Once the pictures have been set aside, copy every remaining entry exactly.

======== Supplied data ========

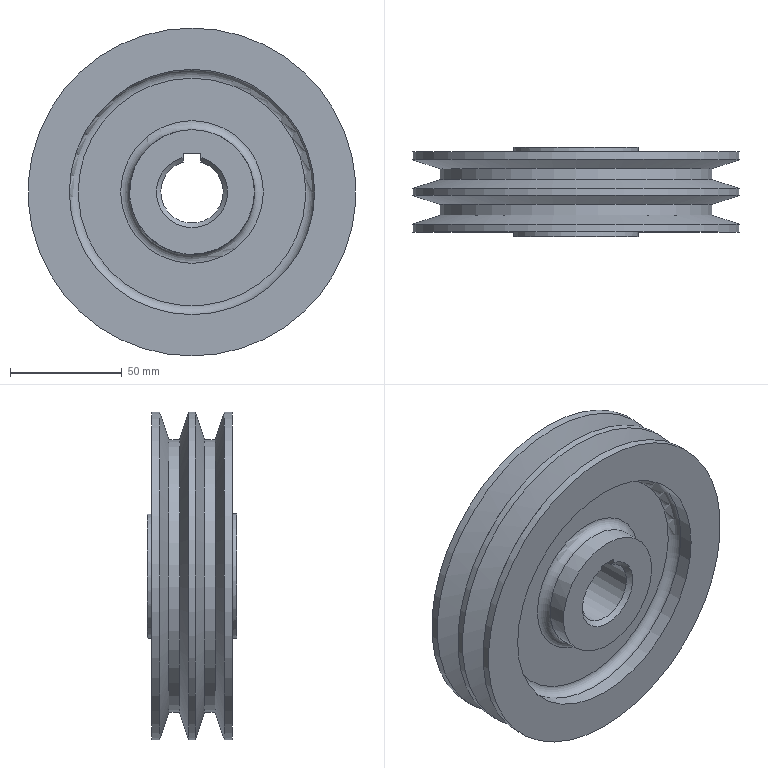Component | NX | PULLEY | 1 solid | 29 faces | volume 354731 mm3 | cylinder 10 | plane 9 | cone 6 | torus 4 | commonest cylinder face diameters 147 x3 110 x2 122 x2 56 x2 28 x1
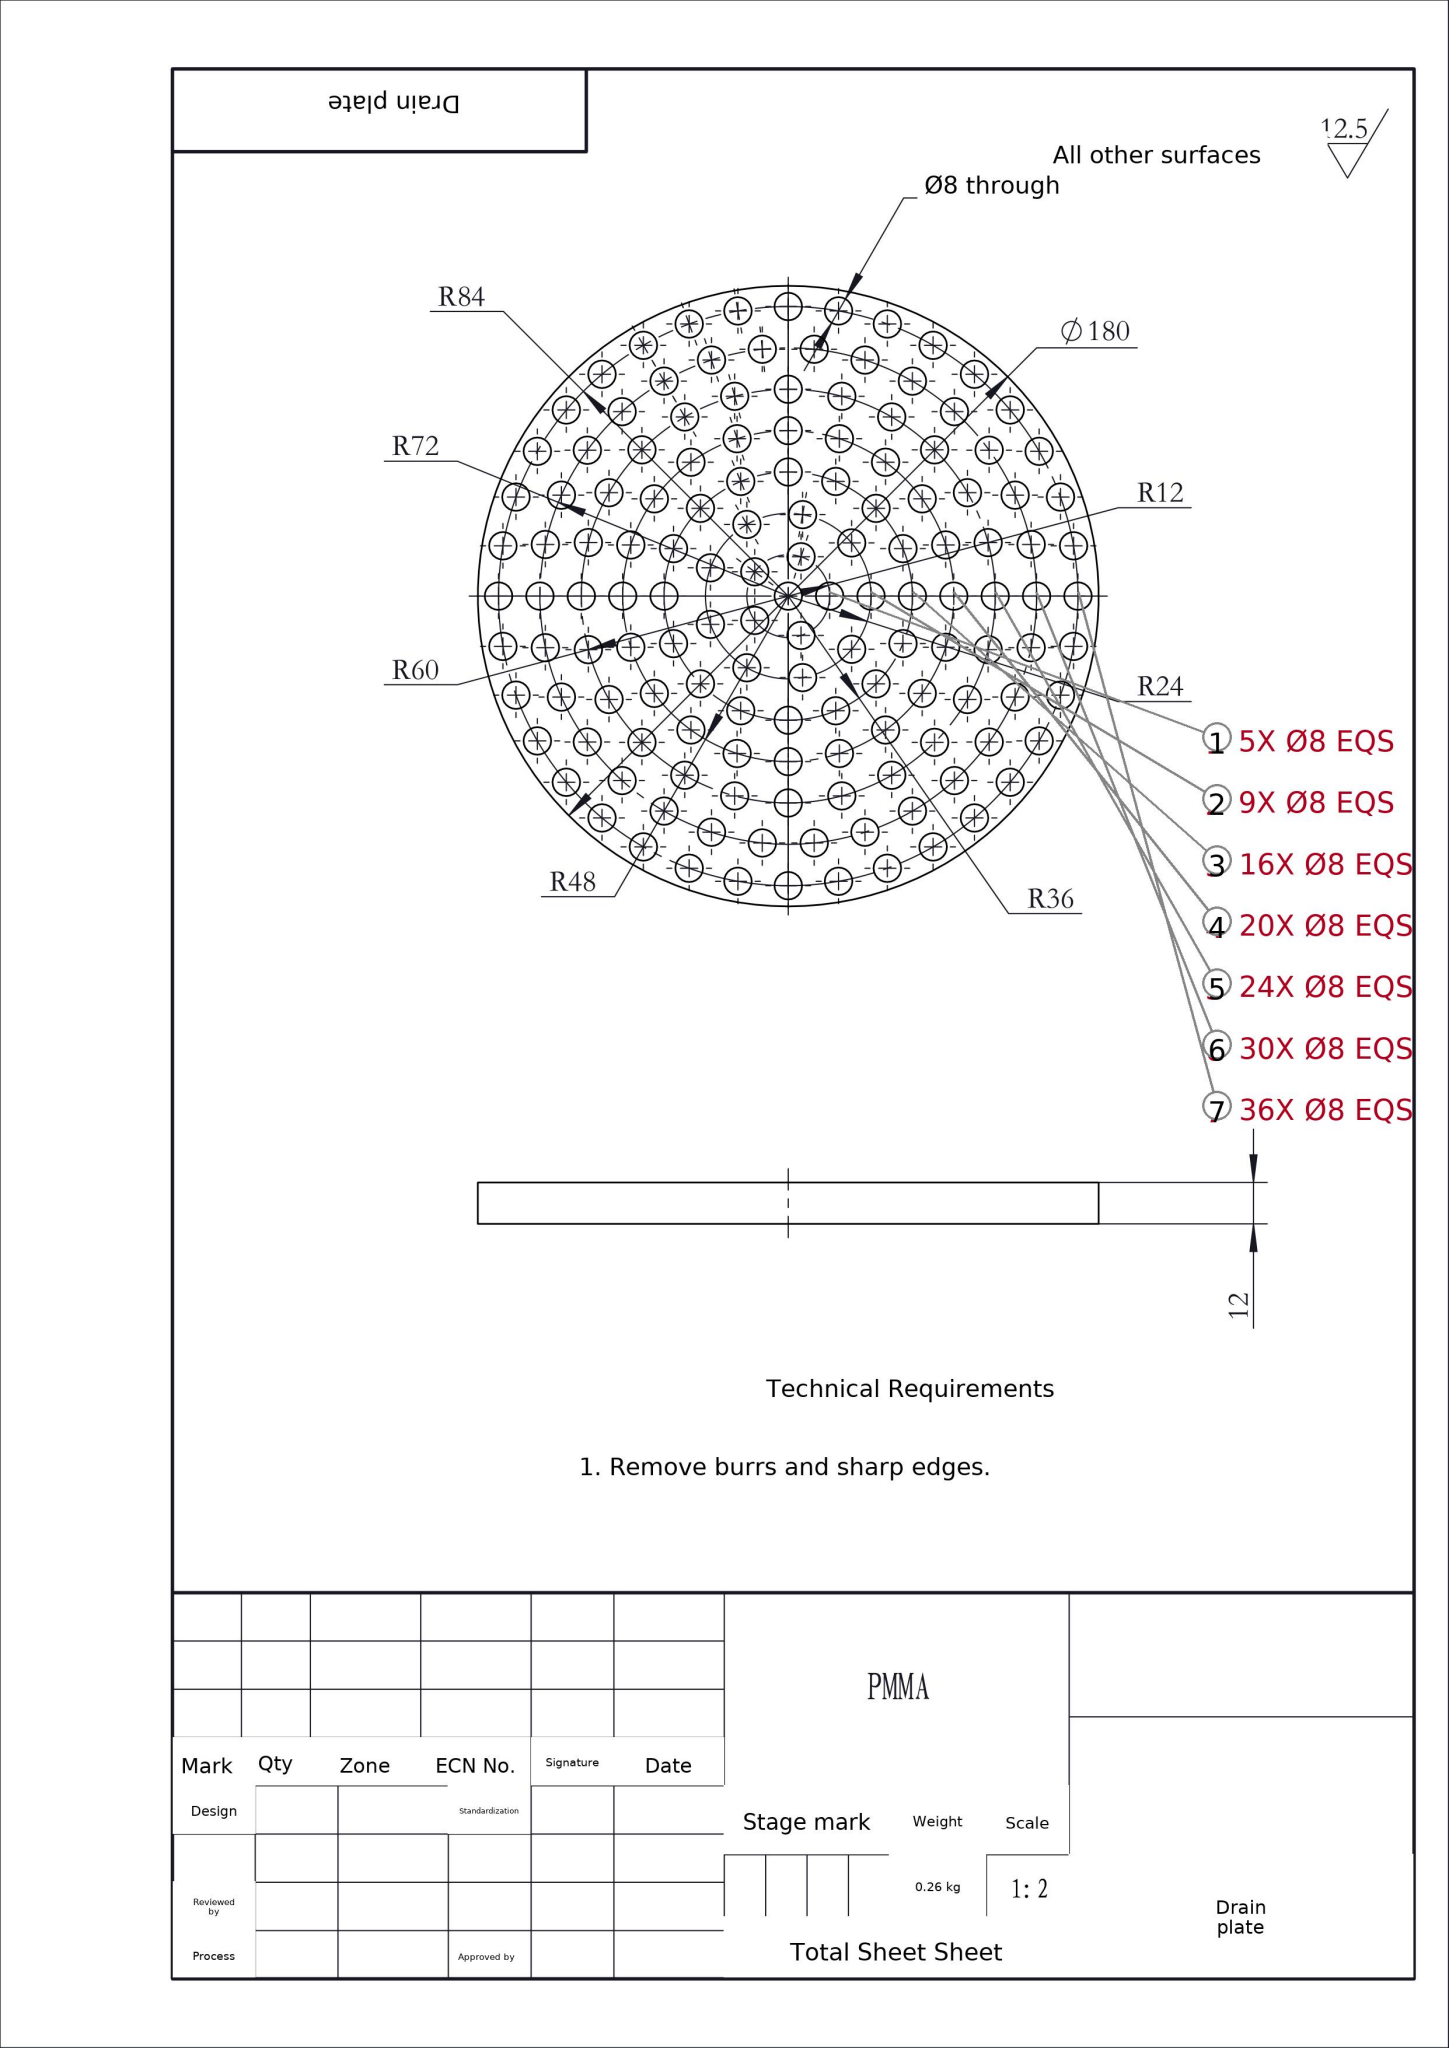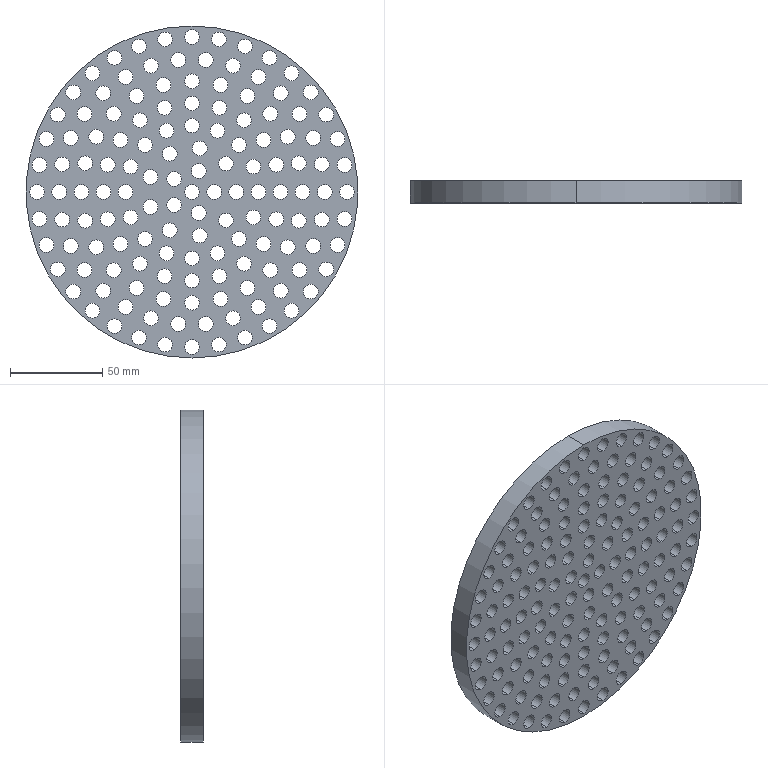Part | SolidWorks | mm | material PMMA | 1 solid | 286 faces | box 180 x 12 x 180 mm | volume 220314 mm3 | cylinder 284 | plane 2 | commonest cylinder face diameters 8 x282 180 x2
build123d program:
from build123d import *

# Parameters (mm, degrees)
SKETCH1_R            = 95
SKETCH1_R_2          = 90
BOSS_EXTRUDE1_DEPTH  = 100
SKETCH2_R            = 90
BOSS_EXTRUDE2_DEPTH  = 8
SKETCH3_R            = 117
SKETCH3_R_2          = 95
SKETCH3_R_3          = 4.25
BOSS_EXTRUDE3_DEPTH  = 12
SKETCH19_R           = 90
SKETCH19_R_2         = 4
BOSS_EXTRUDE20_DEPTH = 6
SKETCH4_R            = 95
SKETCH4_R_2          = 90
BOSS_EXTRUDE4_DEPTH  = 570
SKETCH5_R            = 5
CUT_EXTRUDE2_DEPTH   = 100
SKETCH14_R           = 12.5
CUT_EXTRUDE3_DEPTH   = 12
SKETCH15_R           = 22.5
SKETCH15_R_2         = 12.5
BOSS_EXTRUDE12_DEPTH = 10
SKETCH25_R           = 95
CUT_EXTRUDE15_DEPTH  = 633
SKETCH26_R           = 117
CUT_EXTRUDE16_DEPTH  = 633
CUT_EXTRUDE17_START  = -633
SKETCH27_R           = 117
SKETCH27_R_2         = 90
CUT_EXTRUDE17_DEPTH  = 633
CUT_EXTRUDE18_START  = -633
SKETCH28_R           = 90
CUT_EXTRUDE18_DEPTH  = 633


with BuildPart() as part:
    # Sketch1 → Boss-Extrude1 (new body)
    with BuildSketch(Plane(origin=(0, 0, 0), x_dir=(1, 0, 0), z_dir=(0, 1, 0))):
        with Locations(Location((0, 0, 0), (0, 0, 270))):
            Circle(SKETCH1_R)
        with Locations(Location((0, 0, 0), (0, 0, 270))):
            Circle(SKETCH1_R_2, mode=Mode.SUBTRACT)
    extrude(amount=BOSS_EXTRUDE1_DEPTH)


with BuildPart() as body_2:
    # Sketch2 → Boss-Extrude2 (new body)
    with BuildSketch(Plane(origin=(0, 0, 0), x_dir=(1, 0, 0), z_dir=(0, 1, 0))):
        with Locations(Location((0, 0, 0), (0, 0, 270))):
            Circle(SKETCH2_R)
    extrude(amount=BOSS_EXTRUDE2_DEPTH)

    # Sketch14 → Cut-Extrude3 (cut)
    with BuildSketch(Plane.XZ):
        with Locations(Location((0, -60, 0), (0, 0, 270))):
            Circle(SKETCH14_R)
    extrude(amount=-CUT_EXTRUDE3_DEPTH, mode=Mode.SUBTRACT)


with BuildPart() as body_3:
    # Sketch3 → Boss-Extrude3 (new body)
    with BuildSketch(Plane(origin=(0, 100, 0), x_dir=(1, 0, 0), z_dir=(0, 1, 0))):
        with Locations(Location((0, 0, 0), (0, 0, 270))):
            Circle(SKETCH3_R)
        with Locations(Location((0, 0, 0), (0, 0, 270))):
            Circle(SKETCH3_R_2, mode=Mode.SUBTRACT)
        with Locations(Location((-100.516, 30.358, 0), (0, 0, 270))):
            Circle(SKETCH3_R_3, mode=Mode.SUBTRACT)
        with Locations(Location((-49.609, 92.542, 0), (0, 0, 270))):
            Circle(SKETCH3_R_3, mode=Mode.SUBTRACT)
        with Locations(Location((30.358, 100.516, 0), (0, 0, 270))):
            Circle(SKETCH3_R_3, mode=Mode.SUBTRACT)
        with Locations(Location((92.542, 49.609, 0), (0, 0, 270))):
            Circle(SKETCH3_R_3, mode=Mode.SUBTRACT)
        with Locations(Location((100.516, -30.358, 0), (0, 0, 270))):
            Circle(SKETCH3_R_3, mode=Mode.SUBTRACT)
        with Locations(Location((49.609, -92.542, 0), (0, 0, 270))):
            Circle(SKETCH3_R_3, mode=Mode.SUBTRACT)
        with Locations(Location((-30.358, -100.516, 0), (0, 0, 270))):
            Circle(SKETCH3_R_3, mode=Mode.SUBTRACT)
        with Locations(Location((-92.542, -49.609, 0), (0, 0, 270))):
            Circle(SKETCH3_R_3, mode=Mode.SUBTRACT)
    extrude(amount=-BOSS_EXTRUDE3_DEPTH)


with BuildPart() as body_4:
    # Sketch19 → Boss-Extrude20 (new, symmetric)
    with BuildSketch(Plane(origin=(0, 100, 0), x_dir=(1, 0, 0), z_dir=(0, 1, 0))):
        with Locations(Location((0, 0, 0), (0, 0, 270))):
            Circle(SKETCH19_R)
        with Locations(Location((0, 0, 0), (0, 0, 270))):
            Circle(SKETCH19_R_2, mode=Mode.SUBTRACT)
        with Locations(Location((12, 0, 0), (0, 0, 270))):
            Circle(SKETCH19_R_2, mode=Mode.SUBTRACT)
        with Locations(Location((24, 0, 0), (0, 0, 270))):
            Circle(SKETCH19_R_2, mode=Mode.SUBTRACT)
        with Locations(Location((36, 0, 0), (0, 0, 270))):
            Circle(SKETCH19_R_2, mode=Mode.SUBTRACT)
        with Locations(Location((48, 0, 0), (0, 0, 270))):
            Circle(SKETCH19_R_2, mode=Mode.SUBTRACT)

========

Result of this task
Component | NX | PULLEY | 1 solid | 29 faces | volume 354731 mm3 | cylinder 10 | plane 9 | cone 6 | torus 4 | commonest cylinder face diameters 147 x3 110 x2 122 x2 56 x2 28 x1
Part | SolidWorks | mm | material PMMA | 1 solid | 286 faces | box 180 x 12 x 180 mm | volume 220314 mm3 | cylinder 284 | plane 2 | commonest cylinder face diameters 8 x282 180 x2
build123d program:
from build123d import *

# Parameters (mm, degrees)
SKETCH1_R            = 95
SKETCH1_R_2          = 90
BOSS_EXTRUDE1_DEPTH  = 100
SKETCH2_R            = 90
BOSS_EXTRUDE2_DEPTH  = 8
SKETCH3_R            = 117
SKETCH3_R_2          = 95
SKETCH3_R_3          = 4.25
BOSS_EXTRUDE3_DEPTH  = 12
SKETCH19_R           = 90
SKETCH19_R_2         = 4
BOSS_EXTRUDE20_DEPTH = 6
SKETCH4_R            = 95
SKETCH4_R_2          = 90
BOSS_EXTRUDE4_DEPTH  = 570
SKETCH5_R            = 5
CUT_EXTRUDE2_DEPTH   = 100
SKETCH14_R           = 12.5
CUT_EXTRUDE3_DEPTH   = 12
SKETCH15_R           = 22.5
SKETCH15_R_2         = 12.5
BOSS_EXTRUDE12_DEPTH = 10
SKETCH25_R           = 95
CUT_EXTRUDE15_DEPTH  = 633
SKETCH26_R           = 117
CUT_EXTRUDE16_DEPTH  = 633
CUT_EXTRUDE17_START  = -633
SKETCH27_R           = 117
SKETCH27_R_2         = 90
CUT_EXTRUDE17_DEPTH  = 633
CUT_EXTRUDE18_START  = -633
SKETCH28_R           = 90
CUT_EXTRUDE18_DEPTH  = 633


with BuildPart() as part:
    # Sketch1 → Boss-Extrude1 (new body)
    with BuildSketch(Plane(origin=(0, 0, 0), x_dir=(1, 0, 0), z_dir=(0, 1, 0))):
        with Locations(Location((0, 0, 0), (0, 0, 270))):
            Circle(SKETCH1_R)
        with Locations(Location((0, 0, 0), (0, 0, 270))):
            Circle(SKETCH1_R_2, mode=Mode.SUBTRACT)
    extrude(amount=BOSS_EXTRUDE1_DEPTH)


with BuildPart() as body_2:
    # Sketch2 → Boss-Extrude2 (new body)
    with BuildSketch(Plane(origin=(0, 0, 0), x_dir=(1, 0, 0), z_dir=(0, 1, 0))):
        with Locations(Location((0, 0, 0), (0, 0, 270))):
            Circle(SKETCH2_R)
    extrude(amount=BOSS_EXTRUDE2_DEPTH)

    # Sketch14 → Cut-Extrude3 (cut)
    with BuildSketch(Plane.XZ):
        with Locations(Location((0, -60, 0), (0, 0, 270))):
            Circle(SKETCH14_R)
    extrude(amount=-CUT_EXTRUDE3_DEPTH, mode=Mode.SUBTRACT)


with BuildPart() as body_3:
    # Sketch3 → Boss-Extrude3 (new body)
    with BuildSketch(Plane(origin=(0, 100, 0), x_dir=(1, 0, 0), z_dir=(0, 1, 0))):
        with Locations(Location((0, 0, 0), (0, 0, 270))):
            Circle(SKETCH3_R)
        with Locations(Location((0, 0, 0), (0, 0, 270))):
            Circle(SKETCH3_R_2, mode=Mode.SUBTRACT)
        with Locations(Location((-100.516, 30.358, 0), (0, 0, 270))):
            Circle(SKETCH3_R_3, mode=Mode.SUBTRACT)
        with Locations(Location((-49.609, 92.542, 0), (0, 0, 270))):
            Circle(SKETCH3_R_3, mode=Mode.SUBTRACT)
        with Locations(Location((30.358, 100.516, 0), (0, 0, 270))):
            Circle(SKETCH3_R_3, mode=Mode.SUBTRACT)
        with Locations(Location((92.542, 49.609, 0), (0, 0, 270))):
            Circle(SKETCH3_R_3, mode=Mode.SUBTRACT)
        with Locations(Location((100.516, -30.358, 0), (0, 0, 270))):
            Circle(SKETCH3_R_3, mode=Mode.SUBTRACT)
        with Locations(Location((49.609, -92.542, 0), (0, 0, 270))):
            Circle(SKETCH3_R_3, mode=Mode.SUBTRACT)
        with Locations(Location((-30.358, -100.516, 0), (0, 0, 270))):
            Circle(SKETCH3_R_3, mode=Mode.SUBTRACT)
        with Locations(Location((-92.542, -49.609, 0), (0, 0, 270))):
            Circle(SKETCH3_R_3, mode=Mode.SUBTRACT)
    extrude(amount=-BOSS_EXTRUDE3_DEPTH)


with BuildPart() as body_4:
    # Sketch19 → Boss-Extrude20 (new, symmetric)
    with BuildSketch(Plane(origin=(0, 100, 0), x_dir=(1, 0, 0), z_dir=(0, 1, 0))):
        with Locations(Location((0, 0, 0), (0, 0, 270))):
            Circle(SKETCH19_R)
        with Locations(Location((0, 0, 0), (0, 0, 270))):
            Circle(SKETCH19_R_2, mode=Mode.SUBTRACT)
        with Locations(Location((12, 0, 0), (0, 0, 270))):
            Circle(SKETCH19_R_2, mode=Mode.SUBTRACT)
        with Locations(Location((24, 0, 0), (0, 0, 270))):
            Circle(SKETCH19_R_2, mode=Mode.SUBTRACT)
        with Locations(Location((36, 0, 0), (0, 0, 270))):
            Circle(SKETCH19_R_2, mode=Mode.SUBTRACT)
        with Locations(Location((48, 0, 0), (0, 0, 270))):
            Circle(SKETCH19_R_2, mode=Mode.SUBTRACT)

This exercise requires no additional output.